== EXERCISE DESCRIPTION ==
Repeat precisely the span of lines below that opens with the line containing "15.9, 0.0), z_axis=(0.0, 0.0, 1.0), x_axis=(1.0, 0.0, 0.0)))" and closes with the line containing "p20 = place(p19, frame((1.875, 0.0, 0.0)))", both included.

== DATASET ==
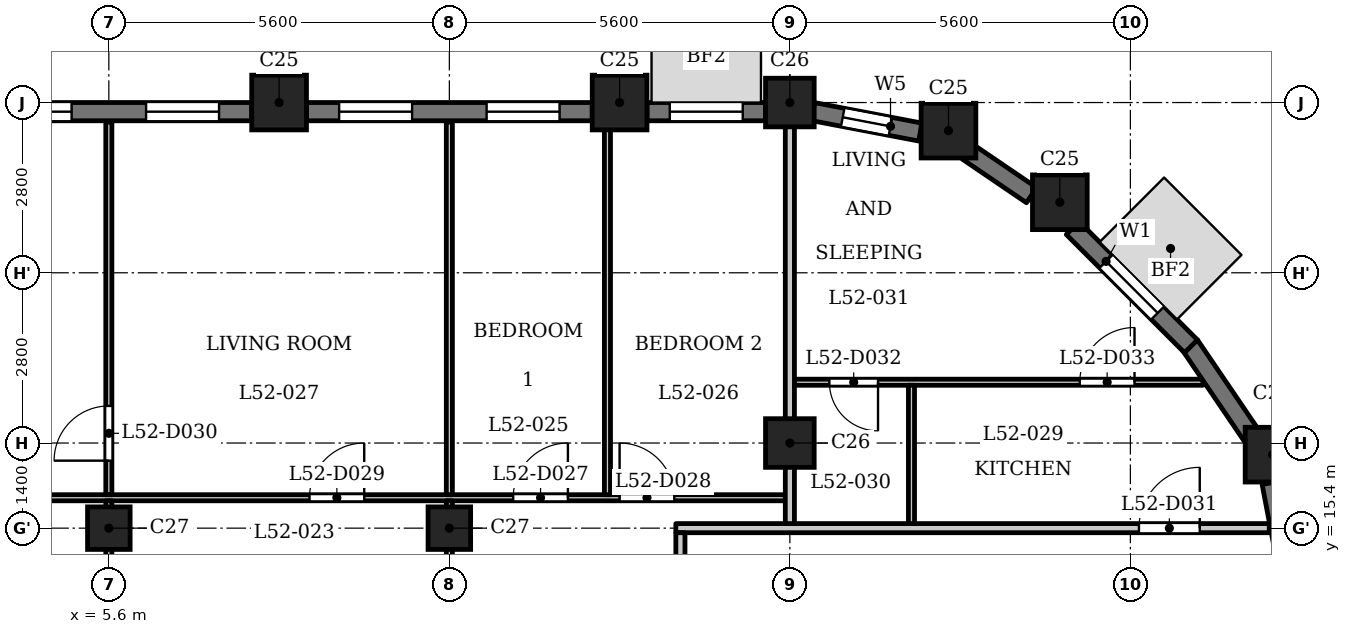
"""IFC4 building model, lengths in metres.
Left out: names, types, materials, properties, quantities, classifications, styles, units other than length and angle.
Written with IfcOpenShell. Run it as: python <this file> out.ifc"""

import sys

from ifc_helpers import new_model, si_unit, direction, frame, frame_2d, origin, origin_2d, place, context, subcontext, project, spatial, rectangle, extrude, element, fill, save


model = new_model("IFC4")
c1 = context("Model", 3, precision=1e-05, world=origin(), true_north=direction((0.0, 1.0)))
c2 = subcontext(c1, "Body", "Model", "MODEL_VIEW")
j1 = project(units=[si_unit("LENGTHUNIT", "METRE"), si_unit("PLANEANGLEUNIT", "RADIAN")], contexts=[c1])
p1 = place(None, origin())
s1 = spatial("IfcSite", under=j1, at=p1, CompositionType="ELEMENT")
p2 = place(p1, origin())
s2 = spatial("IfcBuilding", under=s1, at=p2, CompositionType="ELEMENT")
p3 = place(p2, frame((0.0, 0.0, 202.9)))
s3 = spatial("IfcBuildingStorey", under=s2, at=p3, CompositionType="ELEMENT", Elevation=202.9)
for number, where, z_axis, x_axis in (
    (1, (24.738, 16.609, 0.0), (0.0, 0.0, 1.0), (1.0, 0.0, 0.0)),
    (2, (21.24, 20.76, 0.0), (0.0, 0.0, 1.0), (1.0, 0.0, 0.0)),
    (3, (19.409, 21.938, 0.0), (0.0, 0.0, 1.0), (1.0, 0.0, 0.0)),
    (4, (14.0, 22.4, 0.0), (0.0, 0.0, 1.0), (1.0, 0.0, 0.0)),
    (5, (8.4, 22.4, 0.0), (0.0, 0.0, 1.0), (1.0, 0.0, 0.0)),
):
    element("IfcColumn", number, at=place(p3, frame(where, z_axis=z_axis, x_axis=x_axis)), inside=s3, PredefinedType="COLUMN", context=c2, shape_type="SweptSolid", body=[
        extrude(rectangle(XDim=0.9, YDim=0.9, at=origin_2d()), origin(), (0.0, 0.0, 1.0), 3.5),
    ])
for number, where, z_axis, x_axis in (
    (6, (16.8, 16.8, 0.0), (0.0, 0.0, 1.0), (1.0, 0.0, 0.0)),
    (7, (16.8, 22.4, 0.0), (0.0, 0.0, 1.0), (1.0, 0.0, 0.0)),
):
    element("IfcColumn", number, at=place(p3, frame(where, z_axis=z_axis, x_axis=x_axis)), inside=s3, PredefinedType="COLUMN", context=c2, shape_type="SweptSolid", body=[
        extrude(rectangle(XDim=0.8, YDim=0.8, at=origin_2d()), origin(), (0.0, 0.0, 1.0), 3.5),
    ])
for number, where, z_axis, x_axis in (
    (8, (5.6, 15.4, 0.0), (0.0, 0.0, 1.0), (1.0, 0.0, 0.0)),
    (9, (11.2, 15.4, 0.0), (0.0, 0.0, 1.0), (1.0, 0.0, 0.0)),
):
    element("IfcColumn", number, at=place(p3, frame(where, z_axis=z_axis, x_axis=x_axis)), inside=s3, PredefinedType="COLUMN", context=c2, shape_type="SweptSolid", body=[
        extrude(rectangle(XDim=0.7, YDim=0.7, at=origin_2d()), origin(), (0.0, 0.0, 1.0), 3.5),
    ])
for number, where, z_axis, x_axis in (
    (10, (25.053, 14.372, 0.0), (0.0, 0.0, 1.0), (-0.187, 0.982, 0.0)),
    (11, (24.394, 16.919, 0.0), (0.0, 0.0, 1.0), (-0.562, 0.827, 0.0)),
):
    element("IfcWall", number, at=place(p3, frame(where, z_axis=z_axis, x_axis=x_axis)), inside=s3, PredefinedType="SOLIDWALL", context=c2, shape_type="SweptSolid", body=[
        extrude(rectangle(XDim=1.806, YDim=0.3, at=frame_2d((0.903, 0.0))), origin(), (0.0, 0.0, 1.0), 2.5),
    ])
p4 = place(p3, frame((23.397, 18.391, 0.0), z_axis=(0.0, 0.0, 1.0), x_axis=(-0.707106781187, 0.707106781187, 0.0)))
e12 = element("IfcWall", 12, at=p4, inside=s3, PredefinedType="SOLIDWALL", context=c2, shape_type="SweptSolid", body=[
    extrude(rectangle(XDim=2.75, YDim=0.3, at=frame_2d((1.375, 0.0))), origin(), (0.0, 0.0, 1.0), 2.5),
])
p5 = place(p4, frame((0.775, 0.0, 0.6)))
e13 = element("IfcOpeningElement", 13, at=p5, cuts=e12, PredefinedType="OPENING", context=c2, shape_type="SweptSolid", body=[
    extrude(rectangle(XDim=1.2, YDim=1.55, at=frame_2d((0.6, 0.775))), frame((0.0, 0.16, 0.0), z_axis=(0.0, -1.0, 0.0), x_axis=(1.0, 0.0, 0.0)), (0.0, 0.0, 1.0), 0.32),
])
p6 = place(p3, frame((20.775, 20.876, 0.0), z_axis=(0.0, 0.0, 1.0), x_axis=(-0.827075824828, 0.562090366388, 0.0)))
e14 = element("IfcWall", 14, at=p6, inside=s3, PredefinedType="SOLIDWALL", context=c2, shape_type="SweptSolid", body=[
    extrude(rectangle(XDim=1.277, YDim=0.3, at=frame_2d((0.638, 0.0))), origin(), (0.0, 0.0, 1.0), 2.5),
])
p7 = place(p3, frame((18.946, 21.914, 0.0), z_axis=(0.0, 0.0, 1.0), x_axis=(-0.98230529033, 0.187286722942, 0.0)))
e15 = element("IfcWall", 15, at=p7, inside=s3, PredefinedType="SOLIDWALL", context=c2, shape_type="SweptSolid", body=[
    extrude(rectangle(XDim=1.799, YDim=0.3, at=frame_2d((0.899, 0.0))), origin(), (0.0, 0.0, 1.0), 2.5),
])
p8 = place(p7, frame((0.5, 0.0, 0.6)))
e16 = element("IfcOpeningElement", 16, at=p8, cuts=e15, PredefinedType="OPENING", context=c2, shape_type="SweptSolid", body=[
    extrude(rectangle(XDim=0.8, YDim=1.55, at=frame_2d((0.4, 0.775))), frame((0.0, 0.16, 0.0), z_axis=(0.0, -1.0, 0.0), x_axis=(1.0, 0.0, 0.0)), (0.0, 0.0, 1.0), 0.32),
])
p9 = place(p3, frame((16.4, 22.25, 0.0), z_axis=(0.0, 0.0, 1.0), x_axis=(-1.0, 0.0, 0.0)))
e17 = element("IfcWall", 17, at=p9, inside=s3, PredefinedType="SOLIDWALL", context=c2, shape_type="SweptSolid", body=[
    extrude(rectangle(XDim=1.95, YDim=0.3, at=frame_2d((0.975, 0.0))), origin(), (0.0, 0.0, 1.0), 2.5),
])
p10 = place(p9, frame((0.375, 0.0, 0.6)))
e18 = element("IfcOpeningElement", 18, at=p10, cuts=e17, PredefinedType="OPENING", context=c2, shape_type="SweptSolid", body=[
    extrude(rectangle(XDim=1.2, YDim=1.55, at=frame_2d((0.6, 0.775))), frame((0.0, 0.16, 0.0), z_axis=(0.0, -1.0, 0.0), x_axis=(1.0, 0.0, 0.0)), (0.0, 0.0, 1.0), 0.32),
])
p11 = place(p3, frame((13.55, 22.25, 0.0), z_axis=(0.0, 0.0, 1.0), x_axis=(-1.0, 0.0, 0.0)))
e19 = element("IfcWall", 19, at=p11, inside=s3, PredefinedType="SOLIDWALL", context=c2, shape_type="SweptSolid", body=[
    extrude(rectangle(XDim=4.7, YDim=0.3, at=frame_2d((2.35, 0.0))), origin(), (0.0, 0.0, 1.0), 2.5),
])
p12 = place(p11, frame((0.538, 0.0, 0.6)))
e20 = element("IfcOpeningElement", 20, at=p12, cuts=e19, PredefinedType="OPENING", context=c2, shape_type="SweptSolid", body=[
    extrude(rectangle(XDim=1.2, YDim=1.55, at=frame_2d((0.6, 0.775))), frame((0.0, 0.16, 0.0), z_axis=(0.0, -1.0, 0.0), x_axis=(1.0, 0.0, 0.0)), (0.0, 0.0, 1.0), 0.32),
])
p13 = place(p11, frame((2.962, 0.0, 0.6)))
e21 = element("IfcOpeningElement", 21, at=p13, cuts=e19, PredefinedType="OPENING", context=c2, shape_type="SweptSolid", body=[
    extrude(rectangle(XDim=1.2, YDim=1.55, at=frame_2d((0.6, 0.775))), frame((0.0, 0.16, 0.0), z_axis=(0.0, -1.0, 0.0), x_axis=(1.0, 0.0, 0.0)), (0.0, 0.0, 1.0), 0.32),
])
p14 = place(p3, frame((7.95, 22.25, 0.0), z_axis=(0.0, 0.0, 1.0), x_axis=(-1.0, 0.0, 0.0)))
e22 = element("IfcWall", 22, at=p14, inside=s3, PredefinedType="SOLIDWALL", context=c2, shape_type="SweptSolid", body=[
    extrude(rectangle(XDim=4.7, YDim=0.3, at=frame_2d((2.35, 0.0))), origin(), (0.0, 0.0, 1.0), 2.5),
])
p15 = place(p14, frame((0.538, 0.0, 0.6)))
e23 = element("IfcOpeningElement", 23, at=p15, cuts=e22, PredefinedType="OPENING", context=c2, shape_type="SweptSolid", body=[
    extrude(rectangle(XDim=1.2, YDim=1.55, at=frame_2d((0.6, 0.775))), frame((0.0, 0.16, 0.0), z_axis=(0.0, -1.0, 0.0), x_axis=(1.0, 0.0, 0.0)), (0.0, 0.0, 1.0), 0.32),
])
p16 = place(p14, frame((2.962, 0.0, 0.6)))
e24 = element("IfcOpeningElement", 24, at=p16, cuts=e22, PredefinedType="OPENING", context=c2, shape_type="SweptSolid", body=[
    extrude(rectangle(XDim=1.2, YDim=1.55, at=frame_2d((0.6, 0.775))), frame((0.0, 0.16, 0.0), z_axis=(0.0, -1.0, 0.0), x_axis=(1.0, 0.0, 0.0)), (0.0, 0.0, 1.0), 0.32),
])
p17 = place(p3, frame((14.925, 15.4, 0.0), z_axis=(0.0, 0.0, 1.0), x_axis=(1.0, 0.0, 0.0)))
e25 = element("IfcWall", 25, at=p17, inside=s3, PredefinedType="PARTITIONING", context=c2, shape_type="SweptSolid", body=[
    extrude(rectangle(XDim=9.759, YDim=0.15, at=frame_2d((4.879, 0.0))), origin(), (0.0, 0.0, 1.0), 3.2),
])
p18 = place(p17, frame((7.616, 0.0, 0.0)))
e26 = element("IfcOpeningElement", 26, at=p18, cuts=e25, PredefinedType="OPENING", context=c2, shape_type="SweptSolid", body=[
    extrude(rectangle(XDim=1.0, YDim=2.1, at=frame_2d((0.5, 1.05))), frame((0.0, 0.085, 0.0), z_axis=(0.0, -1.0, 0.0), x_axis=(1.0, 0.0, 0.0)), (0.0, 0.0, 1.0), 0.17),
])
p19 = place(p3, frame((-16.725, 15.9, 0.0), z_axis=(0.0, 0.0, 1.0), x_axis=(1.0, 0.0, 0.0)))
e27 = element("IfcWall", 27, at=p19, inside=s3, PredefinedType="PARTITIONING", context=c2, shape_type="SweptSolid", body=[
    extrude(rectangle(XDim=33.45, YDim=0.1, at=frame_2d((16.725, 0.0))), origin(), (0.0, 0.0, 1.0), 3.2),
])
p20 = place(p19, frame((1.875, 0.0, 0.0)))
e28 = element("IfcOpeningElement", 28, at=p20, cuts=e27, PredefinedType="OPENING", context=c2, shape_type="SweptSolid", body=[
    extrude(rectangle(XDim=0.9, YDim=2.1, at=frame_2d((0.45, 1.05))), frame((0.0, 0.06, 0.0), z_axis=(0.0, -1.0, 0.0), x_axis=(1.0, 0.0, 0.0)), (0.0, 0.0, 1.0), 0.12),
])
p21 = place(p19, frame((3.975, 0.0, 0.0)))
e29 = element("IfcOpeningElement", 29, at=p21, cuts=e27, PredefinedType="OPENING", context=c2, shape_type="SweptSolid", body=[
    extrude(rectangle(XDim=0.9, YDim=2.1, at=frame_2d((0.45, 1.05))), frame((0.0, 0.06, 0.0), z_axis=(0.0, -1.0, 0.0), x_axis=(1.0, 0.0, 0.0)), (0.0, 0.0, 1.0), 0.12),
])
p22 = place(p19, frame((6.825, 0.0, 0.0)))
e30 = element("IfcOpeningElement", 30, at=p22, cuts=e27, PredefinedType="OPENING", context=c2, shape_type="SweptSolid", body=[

== SOLUTION TO THIS TASK ==
p19 = place(p3, frame((-16.725, 15.9, 0.0), z_axis=(0.0, 0.0, 1.0), x_axis=(1.0, 0.0, 0.0)))
e27 = element("IfcWall", 27, at=p19, inside=s3, PredefinedType="PARTITIONING", context=c2, shape_type="SweptSolid", body=[
    extrude(rectangle(XDim=33.45, YDim=0.1, at=frame_2d((16.725, 0.0))), origin(), (0.0, 0.0, 1.0), 3.2),
])
p20 = place(p19, frame((1.875, 0.0, 0.0)))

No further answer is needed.